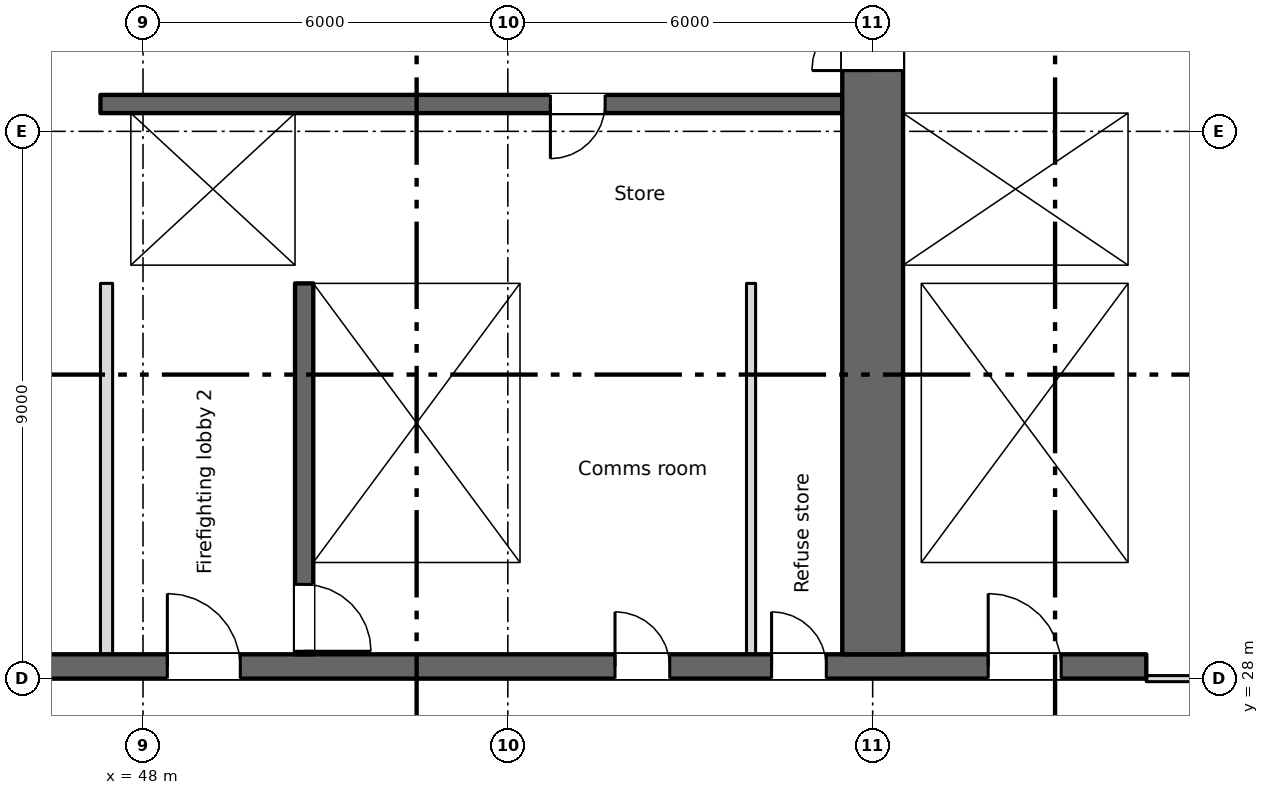
"""IFC4 building model, lengths in metres.
Left out: names, types, materials, properties, quantities, classifications, styles, units other than length and angle.
Written with IfcOpenShell. Run it as: python <this file> out.ifc"""

import sys

from ifc_helpers import new_model, si_unit, direction, frame, frame_2d, origin, place, context, subcontext, project, spatial, rectangle, extrude, element, fill, save


model = new_model("IFC4")
c1 = context("Model", 3, precision=1e-05, world=origin(), true_north=direction((0.0, 1.0)))
c2 = subcontext(c1, "Body", "Model", "MODEL_VIEW")
j1 = project(units=[si_unit("LENGTHUNIT", "METRE"), si_unit("PLANEANGLEUNIT", "RADIAN")], contexts=[c1])
p1 = place(None, origin())
s1 = spatial("IfcSite", under=j1, at=p1, CompositionType="ELEMENT")
p2 = place(p1, origin())
s2 = spatial("IfcBuilding", under=s1, at=p2, CompositionType="ELEMENT")
p3 = place(p2, frame((0.0, 0.0, 30.0)))
s3 = spatial("IfcBuildingStorey", under=s2, at=p3, CompositionType="ELEMENT", Elevation=30.0)
p4 = place(p3, frame((6.7, 28.2, 0.0), z_axis=(0.0, 0.0, 1.0), x_axis=(1.0, 0.0, 0.0)))
e1 = element("IfcWall", 1, at=p4, inside=s3, PredefinedType="SHEAR", context=c2, shape_type="SweptSolid", body=[
    extrude(rectangle(XDim=57.8, YDim=0.4, at=frame_2d((28.9, 0.0))), origin(), (0.0, 0.0, 1.0), 3.35),
])
p5 = place(p4, frame((12.062, 0.0, 0.0)))
e2 = element("IfcOpeningElement", 2, at=p5, cuts=e1, PredefinedType="OPENING", context=c2, shape_type="SweptSolid", body=[
    extrude(rectangle(XDim=0.9, YDim=2.1, at=frame_2d((0.45, 1.05))), frame((0.0, 0.21, 0.0), z_axis=(0.0, -1.0, 0.0), x_axis=(1.0, 0.0, 0.0)), (0.0, 0.0, 1.0), 0.42),
])
p6 = place(p4, frame((14.637, 0.0, 0.0)))
e3 = element("IfcOpeningElement", 3, at=p6, cuts=e1, PredefinedType="OPENING", context=c2, shape_type="SweptSolid", body=[
    extrude(rectangle(XDim=0.9, YDim=2.1, at=frame_2d((0.45, 1.05))), frame((0.0, 0.21, 0.0), z_axis=(0.0, -1.0, 0.0), x_axis=(1.0, 0.0, 0.0)), (0.0, 0.0, 1.0), 0.42),
])
p7 = place(p4, frame((49.062, 0.0, 0.0)))
e4 = element("IfcOpeningElement", 4, at=p7, cuts=e1, PredefinedType="OPENING", context=c2, shape_type="SweptSolid", body=[
    extrude(rectangle(XDim=0.9, YDim=2.1, at=frame_2d((0.45, 1.05))), frame((0.0, 0.21, 0.0), z_axis=(0.0, -1.0, 0.0), x_axis=(1.0, 0.0, 0.0)), (0.0, 0.0, 1.0), 0.42),
])
p8 = place(p4, frame((51.637, 0.0, 0.0)))
e5 = element("IfcOpeningElement", 5, at=p8, cuts=e1, PredefinedType="OPENING", context=c2, shape_type="SweptSolid", body=[
    extrude(rectangle(XDim=0.9, YDim=2.1, at=frame_2d((0.45, 1.05))), frame((0.0, 0.21, 0.0), z_axis=(0.0, -1.0, 0.0), x_axis=(1.0, 0.0, 0.0)), (0.0, 0.0, 1.0), 0.42),
])
p9 = place(p4, frame((1.35, 0.0, 0.0)))
e6 = element("IfcOpeningElement", 6, at=p9, cuts=e1, PredefinedType="OPENING", context=c2, shape_type="SweptSolid", body=[
    extrude(rectangle(XDim=0.9, YDim=2.1, at=frame_2d((0.45, 1.05))), frame((0.0, 0.21, 0.0), z_axis=(0.0, -1.0, 0.0), x_axis=(1.0, 0.0, 0.0)), (0.0, 0.0, 1.0), 0.42),
])
p10 = place(p4, frame((4.7, 0.0, 0.0)))
e7 = element("IfcOpeningElement", 7, at=p10, cuts=e1, PredefinedType="OPENING", context=c2, shape_type="SweptSolid", body=[
    extrude(rectangle(XDim=1.2, YDim=2.1, at=frame_2d((0.6, 1.05))), frame((0.0, 0.21, 0.0), z_axis=(0.0, -1.0, 0.0), x_axis=(1.0, 0.0, 0.0)), (0.0, 0.0, 1.0), 0.42),
])
p11 = place(p4, frame((31.7, 0.0, 0.0)))
e8 = element("IfcOpeningElement", 8, at=p11, cuts=e1, PredefinedType="OPENING", context=c2, shape_type="SweptSolid", body=[
    extrude(rectangle(XDim=1.2, YDim=2.1, at=frame_2d((0.6, 1.05))), frame((0.0, 0.21, 0.0), z_axis=(0.0, -1.0, 0.0), x_axis=(1.0, 0.0, 0.0)), (0.0, 0.0, 1.0), 0.42),
])
p12 = place(p4, frame((55.2, 0.0, 0.0)))
e9 = element("IfcOpeningElement", 9, at=p12, cuts=e1, PredefinedType="OPENING", context=c2, shape_type="SweptSolid", body=[
    extrude(rectangle(XDim=1.2, YDim=2.1, at=frame_2d((0.6, 1.05))), frame((0.0, 0.21, 0.0), z_axis=(0.0, -1.0, 0.0), x_axis=(1.0, 0.0, 0.0)), (0.0, 0.0, 1.0), 0.42),
])
p13 = place(p4, frame((21.7, 0.0, 0.0)))
e10 = element("IfcOpeningElement", 10, at=p13, cuts=e1, PredefinedType="OPENING", context=c2, shape_type="SweptSolid", body=[
    extrude(rectangle(XDim=1.2, YDim=2.1, at=frame_2d((0.6, 1.05))), frame((0.0, 0.21, 0.0), z_axis=(0.0, -1.0, 0.0), x_axis=(1.0, 0.0, 0.0)), (0.0, 0.0, 1.0), 0.42),
])
p14 = place(p4, frame((41.7, 0.0, 0.0)))
e11 = element("IfcOpeningElement", 11, at=p14, cuts=e1, PredefinedType="OPENING", context=c2, shape_type="SweptSolid", body=[
    extrude(rectangle(XDim=1.2, YDim=2.1, at=frame_2d((0.6, 1.05))), frame((0.0, 0.21, 0.0), z_axis=(0.0, -1.0, 0.0), x_axis=(1.0, 0.0, 0.0)), (0.0, 0.0, 1.0), 0.42),
])
p15 = place(p4, frame((24.85, 0.0, 0.0)))
e12 = element("IfcOpeningElement", 12, at=p15, cuts=e1, PredefinedType="OPENING", context=c2, shape_type="SweptSolid", body=[
    extrude(rectangle(XDim=2.4, YDim=2.1, at=frame_2d((1.2, 1.05))), frame((0.0, 0.21, 0.0), z_axis=(0.0, -1.0, 0.0), x_axis=(1.0, 0.0, 0.0)), (0.0, 0.0, 1.0), 0.42),
])
p16 = place(p4, frame((37.35, 0.0, 0.0)))
e13 = element("IfcOpeningElement", 13, at=p16, cuts=e1, PredefinedType="OPENING", context=c2, shape_type="SweptSolid", body=[
    extrude(rectangle(XDim=2.4, YDim=2.1, at=frame_2d((1.2, 1.05))), frame((0.0, 0.21, 0.0), z_axis=(0.0, -1.0, 0.0), x_axis=(1.0, 0.0, 0.0)), (0.0, 0.0, 1.0), 0.42),
])
p17 = place(p4, frame((7.85, 0.0, 0.0)))
e14 = element("IfcOpeningElement", 14, at=p17, cuts=e1, PredefinedType="OPENING", context=c2, shape_type="SweptSolid", body=[
    extrude(rectangle(XDim=2.4, YDim=2.1, at=frame_2d((1.2, 1.05))), frame((0.0, 0.21, 0.0), z_axis=(0.0, -1.0, 0.0), x_axis=(1.0, 0.0, 0.0)), (0.0, 0.0, 1.0), 0.42),
])
p18 = place(p4, frame((28.85, 0.0, 0.0)))
e15 = element("IfcOpeningElement", 15, at=p18, cuts=e1, PredefinedType="OPENING", context=c2, shape_type="SweptSolid", body=[
    extrude(rectangle(XDim=0.9, YDim=2.1, at=frame_2d((0.45, 1.05))), frame((0.0, 0.21, 0.0), z_axis=(0.0, -1.0, 0.0), x_axis=(1.0, 0.0, 0.0)), (0.0, 0.0, 1.0), 0.42),
])
p19 = place(p4, frame((34.85, 0.0, 0.0)))
e16 = element("IfcOpeningElement", 16, at=p19, cuts=e1, PredefinedType="OPENING", context=c2, shape_type="SweptSolid", body=[
    extrude(rectangle(XDim=0.9, YDim=2.1, at=frame_2d((0.45, 1.05))), frame((0.0, 0.21, 0.0), z_axis=(0.0, -1.0, 0.0), x_axis=(1.0, 0.0, 0.0)), (0.0, 0.0, 1.0), 0.42),
])
p20 = place(p3, frame((64.35, 34.8, 0.0), z_axis=(0.0, 0.0, 1.0), x_axis=(0.0, 1.0, 0.0)))
e17 = element("IfcWall", 17, at=p20, inside=s3, PredefinedType="SHEAR", context=c2, shape_type="SweptSolid", body=[
    extrude(rectangle(XDim=10.2, YDim=0.3, at=frame_2d((5.1, 0.0))), origin(), (0.0, 0.0, 1.0), 3.35),
])
p21 = place(p3, frame((60.0, 28.4, 0.0), z_axis=(0.0, 0.0, 1.0), x_axis=(0.0, 1.0, 0.0)))
e18 = element("IfcWall", 18, at=p21, inside=s3, PredefinedType="SHEAR", context=c2, shape_type="SweptSolid", body=[
    extrude(rectangle(XDim=16.6, YDim=1.0, at=frame_2d((8.3, 0.0))), origin(), (0.0, 0.0, 1.0), 3.35),
])
p22 = place(p21, frame((9.6, 0.0, 0.0)))
e19 = element("IfcOpeningElement", 19, at=p22, cuts=e18, PredefinedType="OPENING", context=c2, shape_type="SweptSolid", body=[
    extrude(rectangle(XDim=2.0, YDim=2.1, at=frame_2d((1.0, 1.05))), frame((0.0, 0.51, 0.0), z_axis=(0.0, -1.0, 0.0), x_axis=(1.0, 0.0, 0.0)), (0.0, 0.0, 1.0), 1.02),
])
p23 = place(p21, frame((15.25, 0.0, 0.0)))
e20 = element("IfcOpeningElement", 20, at=p23, cuts=e18, PredefinedType="OPENING", context=c2, shape_type="SweptSolid", body=[
    extrude(rectangle(XDim=1.2, YDim=2.1, at=frame_2d((0.6, 1.05))), frame((0.0, 0.51, 0.0), z_axis=(0.0, -1.0, 0.0), x_axis=(1.0, 0.0, 0.0)), (0.0, 0.0, 1.0), 1.02),
])
p24 = place(p3, frame((50.65, 34.5, 0.0), z_axis=(0.0, 0.0, 1.0), x_axis=(0.0, -1.0, 0.0)))
e21 = element("IfcWall", 21, at=p24, inside=s3, PredefinedType="SHEAR", context=c2, shape_type="SweptSolid", body=[
    extrude(rectangle(XDim=6.1, YDim=0.3, at=frame_2d((3.05, 0.0))), origin(), (0.0, 0.0, 1.0), 3.35),
])
p25 = place(p24, frame((4.95, 0.0, 0.0)))
e22 = element("IfcOpeningElement", 22, at=p25, cuts=e21, PredefinedType="OPENING", context=c2, shape_type="SweptSolid", body=[
    extrude(rectangle(XDim=1.1, YDim=2.1, at=frame_2d((0.55, 1.05))), frame((0.0, 0.16, 0.0), z_axis=(0.0, -1.0, 0.0), x_axis=(1.0, 0.0, 0.0)), (0.0, 0.0, 1.0), 0.32),
])
for number, where, z_axis, x_axis in (
    (23, (54.35, 28.4, 0.0), (0.0, 0.0, 1.0), (0.0, 1.0, 0.0)),
    (24, (60.65, 28.4, 0.0), (0.0, 0.0, 1.0), (0.0, 1.0, 0.0)),
    (25, (64.35, 28.4, 0.0), (0.0, 0.0, 1.0), (0.0, 1.0, 0.0)),
):
    element("IfcWall", number, at=place(p3, frame(where, z_axis=z_axis, x_axis=x_axis)), inside=s3, PredefinedType="SHEAR", context=c2, shape_type="SweptSolid", body=[
        extrude(rectangle(XDim=6.1, YDim=0.3, at=frame_2d((3.05, 0.0))), origin(), (0.0, 0.0, 1.0), 3.35),
    ])
p26 = place(p3, frame((47.3, 34.65, 0.0), z_axis=(0.0, 0.0, 1.0), x_axis=(1.0, 0.0, 0.0)))
e26 = element("IfcWall", 26, at=p26, inside=s3, PredefinedType="SHEAR", context=c2, shape_type="SweptSolid", body=[
    extrude(rectangle(XDim=12.2, YDim=0.3, at=frame_2d((6.1, 0.0))), origin(), (0.0, 0.0, 1.0), 3.35),
])
p27 = place(p26, frame((1.3, 0.0, 0.0)))
e27 = element("IfcOpeningElement", 27, at=p27, cuts=e26, PredefinedType="OPENING", context=c2, shape_type="SweptSolid", body=[
    extrude(rectangle(XDim=1.1, YDim=2.1, at=frame_2d((0.55, 1.05))), frame((0.0, 0.16, 0.0), z_axis=(0.0, -1.0, 0.0), x_axis=(1.0, 0.0, 0.0)), (0.0, 0.0, 1.0), 0.32),
])
p28 = place(p3, frame((60.5, 34.65, 0.0), z_axis=(0.0, 0.0, 1.0), x_axis=(1.0, 0.0, 0.0)))
e28 = element("IfcWall", 28, at=p28, inside=s3, PredefinedType="SHEAR", context=c2, shape_type="SweptSolid", body=[
    extrude(rectangle(XDim=4.0, YDim=0.3, at=frame_2d((2.0, 0.0))), origin(), (0.0, 0.0, 1.0), 3.35),
])
p29 = place(p3, frame((59.5, 37.45, 0.0), z_axis=(0.0, 0.0, 1.0), x_axis=(-1.0, 0.0, 0.0)))
e29 = element("IfcWall", 29, at=p29, inside=s3, PredefinedType="SHEAR", context=c2, shape_type="SweptSolid", body=[
    extrude(rectangle(XDim=12.2, YDim=0.3, at=frame_2d((6.1, 0.0))), origin(), (0.0, 0.0, 1.0), 3.35),
])
p30 = place(p29, frame((3.9, 0.0, 0.0)))
e30 = element("IfcOpeningElement", 30, at=p30, cuts=e29, PredefinedType="OPENING", context=c2, shape_type="SweptSolid", body=[
    extrude(rectangle(XDim=0.9, YDim=2.1, at=frame_2d((0.45, 1.05))), frame((0.0, 0.16, 0.0), z_axis=(0.0, -1.0, 0.0), x_axis=(1.0, 0.0, 0.0)), (0.0, 0.0, 1.0), 0.32),
])
p31 = place(p3, frame((60.5, 37.45, 0.0), z_axis=(0.0, 0.0, 1.0), x_axis=(1.0, 0.0, 0.0)))
e31 = element("IfcWall", 31, at=p31, inside=s3, PredefinedType="SHEAR", context=c2, shape_type="SweptSolid", body=[
    extrude(rectangle(XDim=3.7, YDim=0.3, at=frame_2d((1.85, 0.0))), origin(), (0.0, 0.0, 1.0), 3.35),
])
p32 = place(p31, frame((1.3, 0.0, 0.0)))
e32 = element("IfcOpeningElement", 32, at=p32, cuts=e31, PredefinedType="OPENING", context=c2, shape_type="SweptSolid", body=[
    extrude(rectangle(XDim=1.1, YDim=2.1, at=frame_2d((0.55, 1.05))), frame((0.0, 0.16, 0.0), z_axis=(0.0, -1.0, 0.0), x_axis=(1.0, 0.0, 0.0)), (0.0, 0.0, 1.0), 0.32),
])
p33 = place(p3, frame((47.55, 34.8, 0.0), z_axis=(0.0, 0.0, 1.0), x_axis=(0.0, 1.0, 0.0)))
e33 = element("IfcWall", 33, at=p33, inside=s3, PredefinedType="SHEAR", context=c2, shape_type="SweptSolid", body=[
    extrude(rectangle(XDim=2.5, YDim=0.5, at=frame_2d((1.25, 0.0))), origin(), (0.0, 0.0, 1.0), 3.35),
])
p34 = place(p3, frame((50.65, 34.8, 0.0), z_axis=(0.0, 0.0, 1.0), x_axis=(0.0, 1.0, 0.0)))
e34 = element("IfcWall", 34, at=p34, inside=s3, PredefinedType="SHEAR", context=c2, shape_type="SweptSolid", body=[
    extrude(rectangle(XDim=2.5, YDim=0.3, at=frame_2d((1.25, 0.0))), origin(), (0.0, 0.0, 1.0), 3.35),
])
p35 = place(p3, frame((47.4, 28.4, 0.0), z_axis=(0.0, 0.0, 1.0), x_axis=(0.0, 1.0, 0.0)))
e35 = element("IfcWall", 35, at=p35, inside=s3, PredefinedType="PARTITIONING", context=c2, shape_type="SweptSolid", body=[
    extrude(rectangle(XDim=6.1, YDim=0.2, at=frame_2d((3.05, 0.0))), origin(), (0.0, 0.0, 1.0), 3.35),
])
p36 = place(p3, frame((58.0, 28.4, 0.0), z_axis=(0.0, 0.0, 1.0), x_axis=(0.0, 1.0, 0.0)))
e36 = element("IfcWall", 36, at=p36, inside=s3, PredefinedType="PARTITIONING", context=c2, shape_type="SweptSolid", body=[
    extrude(rectangle(XDim=6.1, YDim=0.15, at=frame_2d((3.05, 0.0))), origin(), (0.0, 0.0, 1.0), 3.35),
])
p37 = place(p3, frame((64.5, 28.0, 0.0), z_axis=(0.0, 0.0, 1.0), x_axis=(1.0, 0.0, 0.0)))
e37 = element("IfcWall", 37, at=p37, inside=s3, PredefinedType="PARTITIONING", context=c2, shape_type="SweptSolid", body=[
    extrude(rectangle(XDim=12.7, YDim=0.1, at=frame_2d((6.35, 0.0))), origin(), (0.0, 0.0, 1.0), 3.35),
])
p38 = place(p37, frame((2.575, 0.0, 0.0)))
e38 = element("IfcOpeningElement", 38, at=p38, cuts=e37, PredefinedType="OPENING", context=c2, shape_type="SweptSolid", body=[
    extrude(rectangle(XDim=1.2, YDim=2.1, at=frame_2d((0.6, 1.05))), frame((0.0, 0.06, 0.0), z_axis=(0.0, -1.0, 0.0), x_axis=(1.0, 0.0, 0.0)), (0.0, 0.0, 1.0), 0.12),
])
p39 = place(p37, frame((8.925, 0.0, 0.0)))
e39 = element("IfcOpeningElement", 39, at=p39, cuts=e37, PredefinedType="OPENING", context=c2, shape_type="SweptSolid", body=[
    extrude(rectangle(XDim=1.2, YDim=2.1, at=frame_2d((0.6, 1.05))), frame((0.0, 0.06, 0.0), z_axis=(0.0, -1.0, 0.0), x_axis=(1.0, 0.0, 0.0)), (0.0, 0.0, 1.0), 0.12),
])
p40 = place(p7, origin())
e40 = element("IfcDoor", 40, at=p40, inside=s3, OperationType="SINGLE_SWING_LEFT", PredefinedType="DOOR", context=c2, shape_type="SweptSolid", body=[
    extrude(rectangle(XDim=0.9, YDim=2.1, at=frame_2d((0.45, 1.05))), frame((0.0, 0.025, 0.0), z_axis=(0.0, -1.0, 0.0), x_axis=(1.0, 0.0, 0.0)), (0.0, 0.0, 1.0), 0.05),
])
fill(e4, e40)
p41 = place(p8, origin())
e41 = element("IfcDoor", 41, at=p41, inside=s3, OperationType="SINGLE_SWING_LEFT", PredefinedType="DOOR", context=c2, shape_type="SweptSolid", body=[
    extrude(rectangle(XDim=0.9, YDim=2.1, at=frame_2d((0.45, 1.05))), frame((0.0, 0.025, 0.0), z_axis=(0.0, -1.0, 0.0), x_axis=(1.0, 0.0, 0.0)), (0.0, 0.0, 1.0), 0.05),
])
fill(e5, e41)
p42 = place(p30, origin())
e42 = element("IfcDoor", 42, at=p42, inside=s3, OperationType="SINGLE_SWING_RIGHT", PredefinedType="DOOR", context=c2, shape_type="SweptSolid", body=[
    extrude(rectangle(XDim=0.9, YDim=2.1, at=frame_2d((0.45, 1.05))), frame((0.0, 0.025, 0.0), z_axis=(0.0, -1.0, 0.0), x_axis=(1.0, 0.0, 0.0)), (0.0, 0.0, 1.0), 0.05),
])
fill(e30, e42)
p43 = place(p32, origin())
e43 = element("IfcDoor", 43, at=p43, inside=s3, OperationType="SLIDING_TO_LEFT", PredefinedType="DOOR", context=c2, shape_type="SweptSolid", body=[
    extrude(rectangle(XDim=1.1, YDim=2.1, at=frame_2d((0.55, 1.05))), frame((0.0, 0.025, 0.0), z_axis=(0.0, -1.0, 0.0), x_axis=(1.0, 0.0, 0.0)), (0.0, 0.0, 1.0), 0.05),
])
fill(e32, e43)
p44 = place(p27, origin())
e44 = element("IfcDoor", 44, at=p44, inside=s3, OperationType="SLIDING_TO_LEFT", PredefinedType="DOOR", context=c2, shape_type="SweptSolid", body=[
    extrude(rectangle(XDim=1.1, YDim=2.1, at=frame_2d((0.55, 1.05))), frame((0.0, 0.025, 0.0), z_axis=(0.0, -1.0, 0.0), x_axis=(1.0, 0.0, 0.0)), (0.0, 0.0, 1.0), 0.05),
])
fill(e27, e44)
p45 = place(p25, origin())
e45 = element("IfcDoor", 45, at=p45, inside=s3, OperationType="SINGLE_SWING_RIGHT", PredefinedType="DOOR", context=c2, shape_type="SweptSolid", body=[
    extrude(rectangle(XDim=1.1, YDim=2.1, at=frame_2d((0.55, 1.05))), frame((0.0, 0.025, 0.0), z_axis=(0.0, -1.0, 0.0), x_axis=(1.0, 0.0, 0.0)), (0.0, 0.0, 1.0), 0.05),
])
fill(e22, e45)
p46 = place(p12, origin())
e46 = element("IfcDoor", 46, at=p46, inside=s3, OperationType="SINGLE_SWING_LEFT", PredefinedType="DOOR", context=c2, shape_type="SweptSolid", body=[
    extrude(rectangle(XDim=1.2, YDim=2.1, at=frame_2d((0.6, 1.05))), frame((0.0, 0.025, 0.0), z_axis=(0.0, -1.0, 0.0), x_axis=(1.0, 0.0, 0.0)), (0.0, 0.0, 1.0), 0.05),
])
fill(e9, e46)
p47 = place(p14, origin())
e47 = element("IfcDoor", 47, at=p47, inside=s3, OperationType="SINGLE_SWING_LEFT", PredefinedType="DOOR", context=c2, shape_type="SweptSolid", body=[
    extrude(rectangle(XDim=1.2, YDim=2.1, at=frame_2d((0.6, 1.05))), frame((0.0, 0.025, 0.0), z_axis=(0.0, -1.0, 0.0), x_axis=(1.0, 0.0, 0.0)), (0.0, 0.0, 1.0), 0.05),
])
fill(e11, e47)
p48 = place(p22, origin())
e48 = element("IfcDoor", 48, at=p48, inside=s3, OperationType="DOUBLE_DOOR_SINGLE_SWING", PredefinedType="DOOR", context=c2, shape_type="SweptSolid", body=[
    extrude(rectangle(XDim=2.0, YDim=2.1, at=frame_2d((1.0, 1.05))), frame((0.0, 0.025, 0.0), z_axis=(0.0, -1.0, 0.0), x_axis=(1.0, 0.0, 0.0)), (0.0, 0.0, 1.0), 0.05),
])
fill(e19, e48)
save(model, sys.argv[1])

□ □ □ □ □

> [EXERCISE OBJECTIVE]: Your answer must be every line from the entries that contains the string "fill", copied as it stands.

> [WRITTEN ANSWER]:
from ifc_helpers import new_model, si_unit, direction, frame, frame_2d, origin, place, context, subcontext, project, spatial, rectangle, extrude, element, fill, save
fill(e4, e40)
fill(e5, e41)
fill(e30, e42)
fill(e32, e43)
fill(e27, e44)
fill(e22, e45)
fill(e9, e46)
fill(e11, e47)
fill(e19, e48)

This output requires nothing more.